▶ REQUIRED WORK: Which lines in the records below mention the word "where"? Copy each one out.

▶ SUPPLIED INFORMATION:

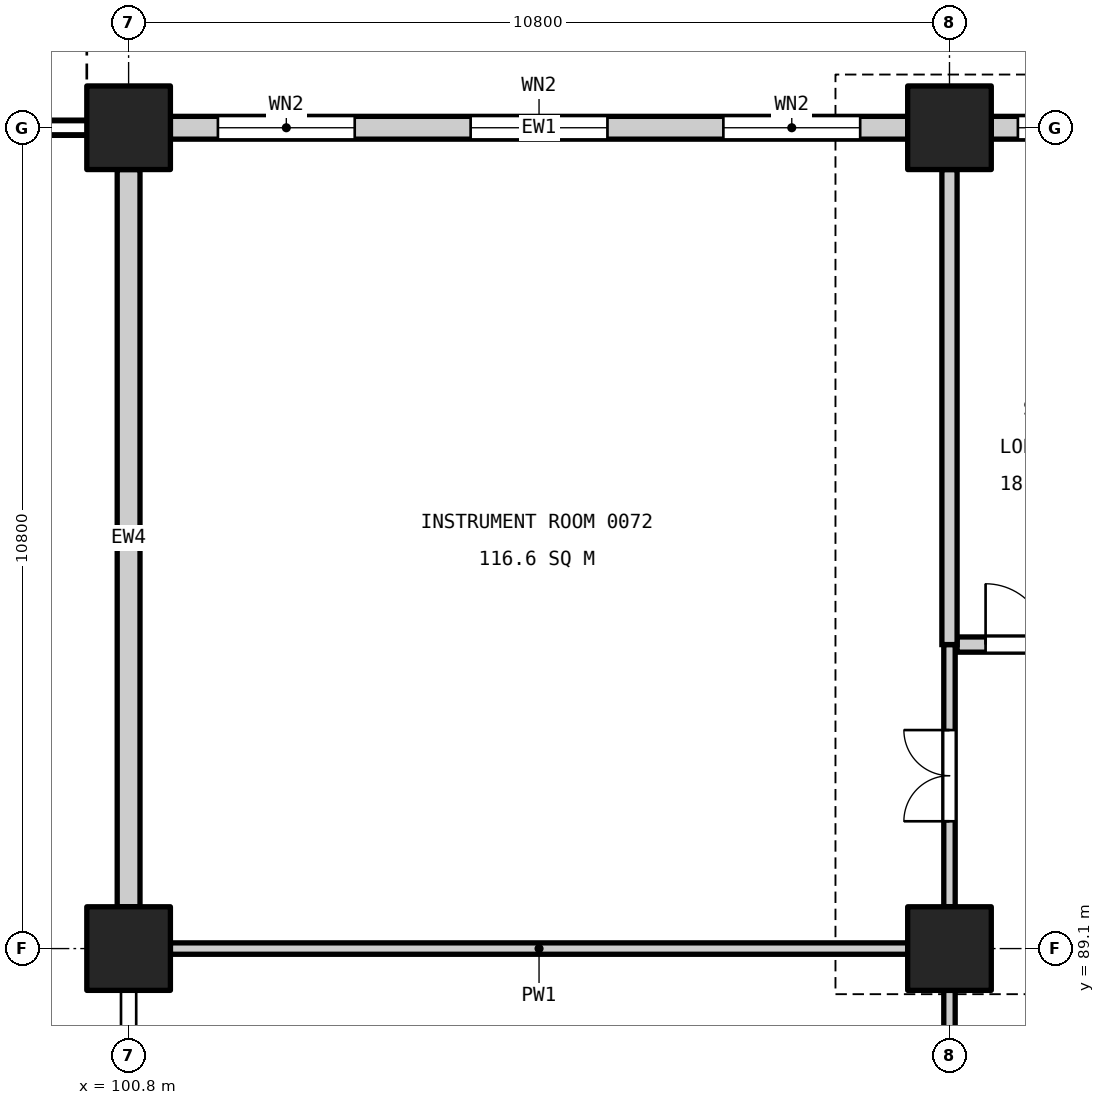
"""IFC4 building model, lengths in metres.
Left out: names, types, materials, properties, quantities, classifications, styles, units other than length and angle.
Written with IfcOpenShell. Run it as: python <this file> out.ifc"""

import sys

from ifc_helpers import new_model, si_unit, direction, frame, frame_2d, origin, origin_2d, place, context, subcontext, project, spatial, rectangle, extrude, element, fill, save


model = new_model("IFC4")
c1 = context("Model", 3, precision=1e-05, world=origin(), true_north=direction((0.0, 1.0)))
c2 = subcontext(c1, "Body", "Model", "MODEL_VIEW")
j1 = project(units=[si_unit("LENGTHUNIT", "METRE"), si_unit("PLANEANGLEUNIT", "RADIAN")], contexts=[c1])
p1 = place(None, origin())
s1 = spatial("IfcSite", under=j1, at=p1, CompositionType="ELEMENT")
p2 = place(p1, origin())
s2 = spatial("IfcBuilding", under=s1, at=p2, CompositionType="ELEMENT")
p3 = place(p2, origin())
s3 = spatial("IfcBuildingStorey", under=s2, at=p3, CompositionType="ELEMENT", Elevation=0.0)
for number, where, z_axis, x_axis in (
    (1, (111.6, 89.1, 0.0), (0.0, 0.0, 1.0), (1.0, 0.0, 0.0)),
    (2, (111.6, 99.9, 0.0), (0.0, 0.0, 1.0), (1.0, 0.0, 0.0)),
    (3, (100.8, 89.1, 0.0), (0.0, 0.0, 1.0), (1.0, 0.0, 0.0)),
    (4, (100.8, 99.9, 0.0), (0.0, 0.0, 1.0), (1.0, 0.0, 0.0)),
):
    element("IfcColumn", number, at=place(p3, frame(where, z_axis=z_axis, x_axis=x_axis)), inside=s3, PredefinedType="COLUMN", context=c2, shape_type="SweptSolid", body=[
        extrude(rectangle(XDim=1.1, YDim=1.1, at=origin_2d()), origin(), (0.0, 0.0, 1.0), 6.0),
    ])
p4 = place(p3, frame((79.75, 99.9, 0.0), z_axis=(0.0, 0.0, 1.0), x_axis=(1.0, 0.0, 0.0)))
e5 = element("IfcWall", 5, at=p4, inside=s3, PredefinedType="SOLIDWALL", context=c2, shape_type="SweptSolid", body=[
    extrude(rectangle(XDim=20.5, YDim=0.2, at=frame_2d((10.25, 0.0))), origin(), (0.0, 0.0, 1.0), 2.6),
])
p5 = place(p4, frame((0.608, 0.0, 0.0)))
e6 = element("IfcOpeningElement", 6, at=p5, cuts=e5, PredefinedType="OPENING", context=c2, shape_type="SweptSolid", body=[
    extrude(rectangle(XDim=2.2, YDim=2.4, at=frame_2d((1.1, 1.2))), frame((0.0, 0.11, 0.0), z_axis=(0.0, -1.0, 0.0), x_axis=(1.0, 0.0, 0.0)), (0.0, 0.0, 1.0), 0.22),
])
p6 = place(p4, frame((4.025, 0.0, 0.0)))
e7 = element("IfcOpeningElement", 7, at=p6, cuts=e5, PredefinedType="OPENING", context=c2, shape_type="SweptSolid", body=[
    extrude(rectangle(XDim=2.2, YDim=2.4, at=frame_2d((1.1, 1.2))), frame((0.0, 0.11, 0.0), z_axis=(0.0, -1.0, 0.0), x_axis=(1.0, 0.0, 0.0)), (0.0, 0.0, 1.0), 0.22),
])
p7 = place(p4, frame((7.442, 0.0, 0.0)))
e8 = element("IfcOpeningElement", 8, at=p7, cuts=e5, PredefinedType="OPENING", context=c2, shape_type="SweptSolid", body=[
    extrude(rectangle(XDim=2.2, YDim=2.4, at=frame_2d((1.1, 1.2))), frame((0.0, 0.11, 0.0), z_axis=(0.0, -1.0, 0.0), x_axis=(1.0, 0.0, 0.0)), (0.0, 0.0, 1.0), 0.22),
])
p8 = place(p4, frame((10.858, 0.0, 0.0)))
e9 = element("IfcOpeningElement", 9, at=p8, cuts=e5, PredefinedType="OPENING", context=c2, shape_type="SweptSolid", body=[
    extrude(rectangle(XDim=2.2, YDim=2.4, at=frame_2d((1.1, 1.2))), frame((0.0, 0.11, 0.0), z_axis=(0.0, -1.0, 0.0), x_axis=(1.0, 0.0, 0.0)), (0.0, 0.0, 1.0), 0.22),
])
p9 = place(p4, frame((14.275, 0.0, 0.0)))
e10 = element("IfcOpeningElement", 10, at=p9, cuts=e5, PredefinedType="OPENING", context=c2, shape_type="SweptSolid", body=[
    extrude(rectangle(XDim=2.2, YDim=2.4, at=frame_2d((1.1, 1.2))), frame((0.0, 0.11, 0.0), z_axis=(0.0, -1.0, 0.0), x_axis=(1.0, 0.0, 0.0)), (0.0, 0.0, 1.0), 0.22),
])
p10 = place(p4, frame((17.692, 0.0, 0.0)))
e11 = element("IfcOpeningElement", 11, at=p10, cuts=e5, PredefinedType="OPENING", context=c2, shape_type="SweptSolid", body=[
    extrude(rectangle(XDim=2.2, YDim=2.4, at=frame_2d((1.1, 1.2))), frame((0.0, 0.11, 0.0), z_axis=(0.0, -1.0, 0.0), x_axis=(1.0, 0.0, 0.0)), (0.0, 0.0, 1.0), 0.22),
])
p11 = place(p3, frame((114.05, 99.9, 0.0), z_axis=(0.0, 0.0, 1.0), x_axis=(-1.0, 0.0, 0.0)))
e12 = element("IfcWall", 12, at=p11, inside=s3, PredefinedType="STANDARD", context=c2, shape_type="SweptSolid", body=[
    extrude(rectangle(XDim=1.9, YDim=0.3, at=frame_2d((0.95, 0.0))), origin(), (0.0, 0.0, 1.0), 4.9),
])
p12 = place(p11, frame((0.35, 0.0, 0.9)))
e13 = element("IfcOpeningElement", 13, at=p12, cuts=e12, PredefinedType="OPENING", context=c2, shape_type="SweptSolid", body=[
    extrude(rectangle(XDim=1.2, YDim=2.4, at=frame_2d((0.6, 1.2))), frame((0.0, 0.16, 0.0), z_axis=(0.0, -1.0, 0.0), x_axis=(1.0, 0.0, 0.0)), (0.0, 0.0, 1.0), 0.32),
])
p13 = place(p3, frame((111.05, 99.9, 0.0), z_axis=(0.0, 0.0, 1.0), x_axis=(-1.0, 0.0, 0.0)))
e14 = element("IfcWall", 14, at=p13, inside=s3, PredefinedType="STANDARD", context=c2, shape_type="SweptSolid", body=[
    extrude(rectangle(XDim=9.7, YDim=0.3, at=frame_2d((4.85, 0.0))), origin(), (0.0, 0.0, 1.0), 4.9),
])
p14 = place(p13, frame((0.625, 0.0, 0.9)))
e15 = element("IfcOpeningElement", 15, at=p14, cuts=e14, PredefinedType="OPENING", context=c2, shape_type="SweptSolid", body=[
    extrude(rectangle(XDim=1.8, YDim=3.0, at=frame_2d((0.9, 1.5))), frame((0.0, 0.16, 0.0), z_axis=(0.0, -1.0, 0.0), x_axis=(1.0, 0.0, 0.0)), (0.0, 0.0, 1.0), 0.32),
])
p15 = place(p13, frame((3.95, 0.0, 0.9)))
e16 = element("IfcOpeningElement", 16, at=p15, cuts=e14, PredefinedType="OPENING", context=c2, shape_type="SweptSolid", body=[
    extrude(rectangle(XDim=1.8, YDim=3.0, at=frame_2d((0.9, 1.5))), frame((0.0, 0.16, 0.0), z_axis=(0.0, -1.0, 0.0), x_axis=(1.0, 0.0, 0.0)), (0.0, 0.0, 1.0), 0.32),
])
p16 = place(p13, frame((7.275, 0.0, 0.9)))
e17 = element("IfcOpeningElement", 17, at=p16, cuts=e14, PredefinedType="OPENING", context=c2, shape_type="SweptSolid", body=[
    extrude(rectangle(XDim=1.8, YDim=3.0, at=frame_2d((0.9, 1.5))), frame((0.0, 0.16, 0.0), z_axis=(0.0, -1.0, 0.0), x_axis=(1.0, 0.0, 0.0)), (0.0, 0.0, 1.0), 0.32),
])
p17 = place(p3, frame((100.8, 89.65, 0.0), z_axis=(0.0, 0.0, 1.0), x_axis=(0.0, 1.0, 0.0)))
e18 = element("IfcWall", 18, at=p17, inside=s3, PredefinedType="STANDARD", context=c2, shape_type="SweptSolid", body=[
    extrude(rectangle(XDim=9.7, YDim=0.3, at=frame_2d((4.85, 0.0))), origin(), (0.0, 0.0, 1.0), 4.6),
])
p18 = place(p3, frame((114.05, 93.1, 0.0), z_axis=(0.0, 0.0, 1.0), x_axis=(-1.0, 0.0, 0.0)))
e19 = element("IfcWall", 19, at=p18, inside=s3, PredefinedType="PARTITIONING", context=c2, shape_type="SweptSolid", body=[
    extrude(rectangle(XDim=2.35, YDim=0.2, at=frame_2d((1.175, 0.0))), origin(), (0.0, 0.0, 1.0), 4.6),
])
p19 = place(p18, frame((0.375, 0.0, 0.0)))
e20 = element("IfcOpeningElement", 20, at=p19, cuts=e19, PredefinedType="OPENING", context=c2, shape_type="SweptSolid", body=[
    extrude(rectangle(XDim=1.6, YDim=2.1, at=frame_2d((0.8, 1.05))), frame((0.0, 0.11, 0.0), z_axis=(0.0, -1.0, 0.0), x_axis=(1.0, 0.0, 0.0)), (0.0, 0.0, 1.0), 0.22),
])
p20 = place(p3, frame((111.6, 78.85, 0.0), z_axis=(0.0, 0.0, 1.0), x_axis=(0.0, 1.0, 0.0)))
e21 = element("IfcWall", 21, at=p20, inside=s3, PredefinedType="PARTITIONING", context=c2, shape_type="SweptSolid", body=[
    extrude(rectangle(XDim=9.7, YDim=0.15, at=frame_2d((4.85, 0.0))), origin(), (0.0, 0.0, 1.0), 4.6),
])
p21 = place(p20, frame((2.725, 0.0, 0.0)))
e22 = element("IfcOpeningElement", 22, at=p21, cuts=e21, PredefinedType="OPENING", context=c2, shape_type="SweptSolid", body=[
    extrude(rectangle(XDim=1.2, YDim=2.1, at=frame_2d((0.6, 1.05))), frame((0.0, 0.085, 0.0), z_axis=(0.0, -1.0, 0.0), x_axis=(1.0, 0.0, 0.0)), (0.0, 0.0, 1.0), 0.17),
])
p22 = place(p20, frame((7.575, 0.0, 0.0)))
e23 = element("IfcOpeningElement", 23, at=p22, cuts=e21, PredefinedType="OPENING", context=c2, shape_type="SweptSolid", body=[
    extrude(rectangle(XDim=1.2, YDim=2.1, at=frame_2d((0.6, 1.05))), frame((0.0, 0.085, 0.0), z_axis=(0.0, -1.0, 0.0), x_axis=(1.0, 0.0, 0.0)), (0.0, 0.0, 1.0), 0.17),
])
p23 = place(p3, frame((111.6, 89.65, 0.0), z_axis=(0.0, 0.0, 1.0), x_axis=(0.0, 1.0, 0.0)))
e24 = element("IfcWall", 24, at=p23, inside=s3, PredefinedType="PARTITIONING", context=c2, shape_type="SweptSolid", body=[
    extrude(rectangle(XDim=3.45, YDim=0.15, at=frame_2d((1.725, 0.0))), origin(), (0.0, 0.0, 1.0), 4.6),
])
p24 = place(p23, frame((1.125, 0.0, 0.0)))
e25 = element("IfcOpeningElement", 25, at=p24, cuts=e24, PredefinedType="OPENING", context=c2, shape_type="SweptSolid", body=[
    extrude(rectangle(XDim=1.2, YDim=2.1, at=frame_2d((0.6, 1.05))), frame((0.0, 0.085, 0.0), z_axis=(0.0, -1.0, 0.0), x_axis=(1.0, 0.0, 0.0)), (0.0, 0.0, 1.0), 0.17),
])
p25 = place(p3, frame((111.6, 93.1, 0.0), z_axis=(0.0, 0.0, 1.0), x_axis=(0.0, 1.0, 0.0)))
e26 = element("IfcWall", 26, at=p25, inside=s3, PredefinedType="PARTITIONING", context=c2, shape_type="SweptSolid", body=[
    extrude(rectangle(XDim=6.25, YDim=0.2, at=frame_2d((3.125, 0.0))), origin(), (0.0, 0.0, 1.0), 4.6),
])
p26 = place(p3, frame((111.05, 89.1, 0.0), z_axis=(0.0, 0.0, 1.0), x_axis=(-1.0, 0.0, 0.0)))
e27 = element("IfcWall", 27, at=p26, inside=s3, PredefinedType="PARTITIONING", context=c2, shape_type="SweptSolid", body=[
    extrude(rectangle(XDim=9.7, YDim=0.15, at=frame_2d((4.85, 0.0))), origin(), (0.0, 0.0, 1.0), 4.9),
])
p27 = place(p12, origin())
e28 = element("IfcWindow", 28, at=p27, inside=s3, PartitioningType="SINGLE_PANEL", PredefinedType="WINDOW", context=c2, shape_type="SweptSolid", body=[
    extrude(rectangle(XDim=1.2, YDim=2.4, at=frame_2d((0.6, 1.2))), frame((0.0, 0.03, 0.0), z_axis=(0.0, -1.0, 0.0), x_axis=(1.0, 0.0, 0.0)), (0.0, 0.0, 1.0), 0.06),
])
fill(e13, e28)
p28 = place(p14, origin())
e29 = element("IfcWindow", 29, at=p28, inside=s3, PartitioningType="SINGLE_PANEL", PredefinedType="WINDOW", context=c2, shape_type="SweptSolid", body=[
    extrude(rectangle(XDim=1.8, YDim=3.0, at=frame_2d((0.9, 1.5))), frame((0.0, 0.03, 0.0), z_axis=(0.0, -1.0, 0.0), x_axis=(1.0, 0.0, 0.0)), (0.0, 0.0, 1.0), 0.06),
])
fill(e15, e29)
p29 = place(p15, origin())
e30 = element("IfcWindow", 30, at=p29, inside=s3, PartitioningType="SINGLE_PANEL", PredefinedType="WINDOW", context=c2, shape_type="SweptSolid", body=[
    extrude(rectangle(XDim=1.8, YDim=3.0, at=frame_2d((0.9, 1.5))), frame((0.0, 0.03, 0.0), z_axis=(0.0, -1.0, 0.0), x_axis=(1.0, 0.0, 0.0)), (0.0, 0.0, 1.0), 0.06),
])
fill(e16, e30)
p30 = place(p16, origin())
e31 = element("IfcWindow", 31, at=p30, inside=s3, PartitioningType="SINGLE_PANEL", PredefinedType="WINDOW", context=c2, shape_type="SweptSolid", body=[
    extrude(rectangle(XDim=1.8, YDim=3.0, at=frame_2d((0.9, 1.5))), frame((0.0, 0.03, 0.0), z_axis=(0.0, -1.0, 0.0), x_axis=(1.0, 0.0, 0.0)), (0.0, 0.0, 1.0), 0.06),
])
fill(e17, e31)
p31 = place(p24, origin())
e32 = element("IfcDoor", 32, at=p31, inside=s3, OperationType="DOUBLE_DOOR_SINGLE_SWING", PredefinedType="DOOR", context=c2, shape_type="SweptSolid", body=[
    extrude(rectangle(XDim=1.2, YDim=2.1, at=frame_2d((0.6, 1.05))), frame((0.0, 0.025, 0.0), z_axis=(0.0, -1.0, 0.0), x_axis=(1.0, 0.0, 0.0)), (0.0, 0.0, 1.0), 0.05),
])
fill(e25, e32)
p32 = place(p19, frame((1.6, 0.0, 0.0), z_axis=(0.0, 0.0, 1.0), x_axis=(-1.0, 0.0, 0.0)))
e33 = element("IfcDoor", 33, at=p32, inside=s3, OperationType="DOUBLE_DOOR_SINGLE_SWING", PredefinedType="DOOR", context=c2, shape_type="SweptSolid", body=[
    extrude(rectangle(XDim=1.6, YDim=2.1, at=frame_2d((0.8, 1.05))), frame((0.0, 0.025, 0.0), z_axis=(0.0, -1.0, 0.0), x_axis=(1.0, 0.0, 0.0)), (0.0, 0.0, 1.0), 0.05),
])
fill(e20, e33)
save(model, sys.argv[1])

▶ ANSWER SPACE:
for number, where, z_axis, x_axis in (
    element("IfcColumn", number, at=place(p3, frame(where, z_axis=z_axis, x_axis=x_axis)), inside=s3, PredefinedType="COLUMN", context=c2, shape_type="SweptSolid", body=[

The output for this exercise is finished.